● **Work item**
Please set down the lines of the listing exactly, from its first line to the line with "p3 = place(p2, frame((0.0, 0.0, 104.9)))", leaving the pictures out.

[Record set]

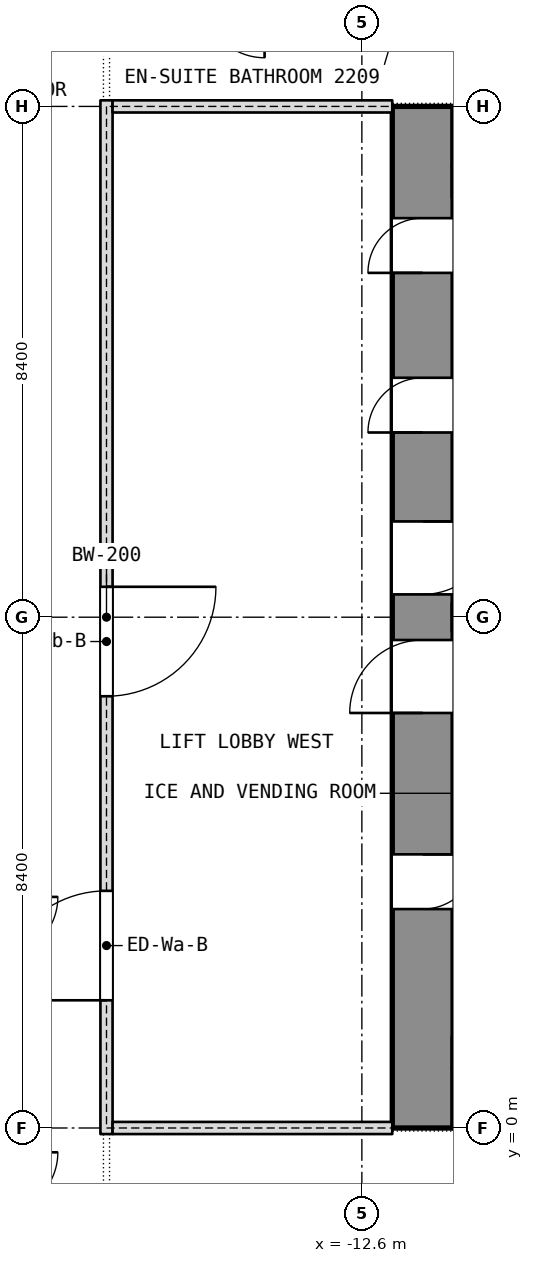
"""IFC4 building model, lengths in metres.
Left out: names, types, materials, properties, quantities, classifications, styles, units other than length and angle.
Written with IfcOpenShell. Run it as: python <this file> out.ifc"""

import sys

from ifc_helpers import new_model, si_unit, direction, frame, frame_2d, origin, place, context, subcontext, project, spatial, rectangle, extrude, element, fill, save


model = new_model("IFC4")
c1 = context("Model", 3, precision=1e-05, world=origin(), true_north=direction((0.0, 1.0)))
c2 = subcontext(c1, "Body", "Model", "MODEL_VIEW")
j1 = project(units=[si_unit("LENGTHUNIT", "METRE"), si_unit("PLANEANGLEUNIT", "RADIAN")], contexts=[c1])
p1 = place(None, origin())
s1 = spatial("IfcSite", under=j1, at=p1, CompositionType="ELEMENT")
p2 = place(p1, origin())
s2 = spatial("IfcBuilding", under=s1, at=p2, CompositionType="ELEMENT")
p3 = place(p2, frame((0.0, 0.0, 104.9)))
s3 = spatial("IfcBuildingStorey", under=s2, at=p3, CompositionType="ELEMENT", Elevation=104.9)
p4 = place(p3, frame((-11.6, 0.0, 0.0), z_axis=(0.0, 0.0, 1.0), x_axis=(0.0, 1.0, 0.0)))
e1 = element("IfcWall", 1, at=p4, inside=s3, PredefinedType="SHEAR", context=c2, shape_type="SweptSolid", body=[
    extrude(rectangle(XDim=16.8, YDim=1.0, at=frame_2d((8.4, 0.0))), origin(), (0.0, 0.0, 1.0), 3.6),
])
p5 = place(p4, frame((3.6, 0.0, 0.0)))
e2 = element("IfcOpeningElement", 2, at=p5, cuts=e1, PredefinedType="OPENING", context=c2, shape_type="SweptSolid", body=[
    extrude(rectangle(XDim=0.9, YDim=2.1, at=frame_2d((0.45, 1.05))), frame((0.0, 0.5, 0.0), z_axis=(0.0, -1.0, 0.0), x_axis=(1.0, 0.0, 0.0)), (0.0, 0.0, 1.0), 1.0),
])
p6 = place(p4, frame((6.825, 0.0, 0.0)))
e3 = element("IfcOpeningElement", 3, at=p6, cuts=e1, PredefinedType="OPENING", context=c2, shape_type="SweptSolid", body=[
    extrude(rectangle(XDim=1.2, YDim=2.1, at=frame_2d((0.6, 1.05))), frame((0.0, 0.5, 0.0), z_axis=(0.0, -1.0, 0.0), x_axis=(1.0, 0.0, 0.0)), (0.0, 0.0, 1.0), 1.0),
])
p7 = place(p4, frame((14.062, 0.0, 0.0)))
e4 = element("IfcOpeningElement", 4, at=p7, cuts=e1, PredefinedType="OPENING", context=c2, shape_type="SweptSolid", body=[
    extrude(rectangle(XDim=0.9, YDim=2.1, at=frame_2d((0.45, 1.05))), frame((0.0, 0.5, 0.0), z_axis=(0.0, -1.0, 0.0), x_axis=(1.0, 0.0, 0.0)), (0.0, 0.0, 1.0), 1.0),
])
p8 = place(p4, frame((11.438, 0.0, 0.0)))
e5 = element("IfcOpeningElement", 5, at=p8, cuts=e1, PredefinedType="OPENING", context=c2, shape_type="SweptSolid", body=[
    extrude(rectangle(XDim=0.9, YDim=2.1, at=frame_2d((0.45, 1.05))), frame((0.0, 0.5, 0.0), z_axis=(0.0, -1.0, 0.0), x_axis=(1.0, 0.0, 0.0)), (0.0, 0.0, 1.0), 1.0),
])
p9 = place(p4, frame((8.775, 0.0, 0.0)))
e6 = element("IfcOpeningElement", 6, at=p9, cuts=e1, PredefinedType="OPENING", context=c2, shape_type="SweptSolid", body=[
    extrude(rectangle(XDim=1.2, YDim=2.1, at=frame_2d((0.6, 1.05))), frame((0.0, 0.5, 0.0), z_axis=(0.0, -1.0, 0.0), x_axis=(1.0, 0.0, 0.0)), (0.0, 0.0, 1.0), 1.0),
])
p10 = place(p3, frame((-11.1, 8.4, 0.0), z_axis=(0.0, 0.0, 1.0), x_axis=(1.0, 0.0, 0.0)))
e7 = element("IfcWall", 7, at=p10, inside=s3, PredefinedType="SHEAR", context=c2, shape_type="SweptSolid", body=[
    extrude(rectangle(XDim=6.675, YDim=0.45, at=frame_2d((3.337, 0.0))), origin(), (0.0, 0.0, 1.0), 3.6),
])
p11 = place(p3, frame((-16.8, -0.1, 0.0), z_axis=(0.0, 0.0, 1.0), x_axis=(0.0, 1.0, 0.0)))
e8 = element("IfcWall", 8, at=p11, inside=s3, PredefinedType="PARTITIONING", context=c2, shape_type="SweptSolid", body=[
    extrude(rectangle(XDim=17.0, YDim=0.2, at=frame_2d((8.5, 0.0))), origin(), (0.0, 0.0, 1.0), 3.34),
])
p12 = place(p11, frame((2.2, 0.0, 0.0)))
e9 = element("IfcOpeningElement", 9, at=p12, cuts=e8, PredefinedType="OPENING", context=c2, shape_type="SweptSolid", body=[
    extrude(rectangle(XDim=1.8, YDim=2.1, at=frame_2d((0.9, 1.05))), frame((0.0, 0.1, 0.0), z_axis=(0.0, -1.0, 0.0), x_axis=(1.0, 0.0, 0.0)), (0.0, 0.0, 1.0), 0.2),
])
p13 = place(p11, frame((7.2, 0.0, 0.0)))
e10 = element("IfcOpeningElement", 10, at=p13, cuts=e8, PredefinedType="OPENING", context=c2, shape_type="SweptSolid", body=[
    extrude(rectangle(XDim=1.8, YDim=2.1, at=frame_2d((0.9, 1.05))), frame((0.0, 0.1, 0.0), z_axis=(0.0, -1.0, 0.0), x_axis=(1.0, 0.0, 0.0)), (0.0, 0.0, 1.0), 0.2),
])
for number, where, z_axis, x_axis in (
    (11, (-16.7, 0.0, 0.0), (0.0, 0.0, 1.0), (1.0, 0.0, 0.0)),
    (12, (-16.7, 16.8, 0.0), (0.0, 0.0, 1.0), (1.0, 0.0, 0.0)),
):
    element("IfcWall", number, at=place(p3, frame(where, z_axis=z_axis, x_axis=x_axis)), inside=s3, PredefinedType="PARTITIONING", context=c2, shape_type="SweptSolid", body=[
        extrude(rectangle(XDim=4.6, YDim=0.2, at=frame_2d((2.3, 0.0))), origin(), (0.0, 0.0, 1.0), 2.89),
    ])
p14 = place(p5, origin())
e13 = element("IfcDoor", 13, at=p14, inside=s3, OperationType="SINGLE_SWING_LEFT", PredefinedType="DOOR", context=c2, shape_type="SweptSolid", body=[
    extrude(rectangle(XDim=0.9, YDim=2.1, at=frame_2d((0.45, 1.05))), frame((0.0, 0.025, 0.0), z_axis=(0.0, -1.0, 0.0), x_axis=(1.0, 0.0, 0.0)), (0.0, 0.0, 1.0), 0.05),
])
fill(e2, e13)
p15 = place(p6, origin())
e14 = element("IfcDoor", 14, at=p15, inside=s3, OperationType="SINGLE_SWING_LEFT", PredefinedType="DOOR", context=c2, shape_type="SweptSolid", body=[
    extrude(rectangle(XDim=1.2, YDim=2.1, at=frame_2d((0.6, 1.05))), frame((0.0, 0.025, 0.0), z_axis=(0.0, -1.0, 0.0), x_axis=(1.0, 0.0, 0.0)), (0.0, 0.0, 1.0), 0.05),
])
fill(e3, e14)
p16 = place(p7, origin())
e15 = element("IfcDoor", 15, at=p16, inside=s3, OperationType="SINGLE_SWING_LEFT", PredefinedType="DOOR", context=c2, shape_type="SweptSolid", body=[
    extrude(rectangle(XDim=0.9, YDim=2.1, at=frame_2d((0.45, 1.05))), frame((0.0, 0.025, 0.0), z_axis=(0.0, -1.0, 0.0), x_axis=(1.0, 0.0, 0.0)), (0.0, 0.0, 1.0), 0.05),
])
fill(e4, e15)
p17 = place(p8, origin())
e16 = element("IfcDoor", 16, at=p17, inside=s3, OperationType="SINGLE_SWING_LEFT", PredefinedType="DOOR", context=c2, shape_type="SweptSolid", body=[
    extrude(rectangle(XDim=0.9, YDim=2.1, at=frame_2d((0.45, 1.05))), frame((0.0, 0.025, 0.0), z_axis=(0.0, -1.0, 0.0), x_axis=(1.0, 0.0, 0.0)), (0.0, 0.0, 1.0), 0.05),
])
fill(e5, e16)
p18 = place(p9, origin())
e17 = element("IfcDoor", 17, at=p18, inside=s3, OperationType="SINGLE_SWING_LEFT", PredefinedType="DOOR", context=c2, shape_type="SweptSolid", body=[
    extrude(rectangle(XDim=1.2, YDim=2.1, at=frame_2d((0.6, 1.05))), frame((0.0, 0.025, 0.0), z_axis=(0.0, -1.0, 0.0), x_axis=(1.0, 0.0, 0.0)), (0.0, 0.0, 1.0), 0.05),
])
fill(e6, e17)
p19 = place(p12, origin())
e18 = element("IfcDoor", 18, at=p19, inside=s3, OperationType="DOUBLE_DOOR_SINGLE_SWING", PredefinedType="DOOR", context=c2, shape_type="SweptSolid", body=[
    extrude(rectangle(XDim=1.8, YDim=2.1, at=frame_2d((0.9, 1.05))), frame((0.0, 0.025, 0.0), z_axis=(0.0, -1.0, 0.0), x_axis=(1.0, 0.0, 0.0)), (0.0, 0.0, 1.0), 0.05),
])
fill(e9, e18)
p20 = place(p13, origin())
e19 = element("IfcDoor", 19, at=p20, inside=s3, OperationType="DOUBLE_DOOR_SINGLE_SWING", PredefinedType="DOOR", context=c2, shape_type="SweptSolid", body=[
    extrude(rectangle(XDim=1.8, YDim=2.1, at=frame_2d((0.9, 1.05))), frame((0.0, 0.025, 0.0), z_axis=(0.0, -1.0, 0.0), x_axis=(1.0, 0.0, 0.0)), (0.0, 0.0, 1.0), 0.05),
])
fill(e10, e19)
save(model, sys.argv[1])

[/Record set]

● **Final answer**
"""IFC4 building model, lengths in metres.
Left out: names, types, materials, properties, quantities, classifications, styles, units other than length and angle.
Written with IfcOpenShell. Run it as: python <this file> out.ifc"""

import sys

from ifc_helpers import new_model, si_unit, direction, frame, frame_2d, origin, place, context, subcontext, project, spatial, rectangle, extrude, element, fill, save


model = new_model("IFC4")
c1 = context("Model", 3, precision=1e-05, world=origin(), true_north=direction((0.0, 1.0)))
c2 = subcontext(c1, "Body", "Model", "MODEL_VIEW")
j1 = project(units=[si_unit("LENGTHUNIT", "METRE"), si_unit("PLANEANGLEUNIT", "RADIAN")], contexts=[c1])
p1 = place(None, origin())
s1 = spatial("IfcSite", under=j1, at=p1, CompositionType="ELEMENT")
p2 = place(p1, origin())
s2 = spatial("IfcBuilding", under=s1, at=p2, CompositionType="ELEMENT")
p3 = place(p2, frame((0.0, 0.0, 104.9)))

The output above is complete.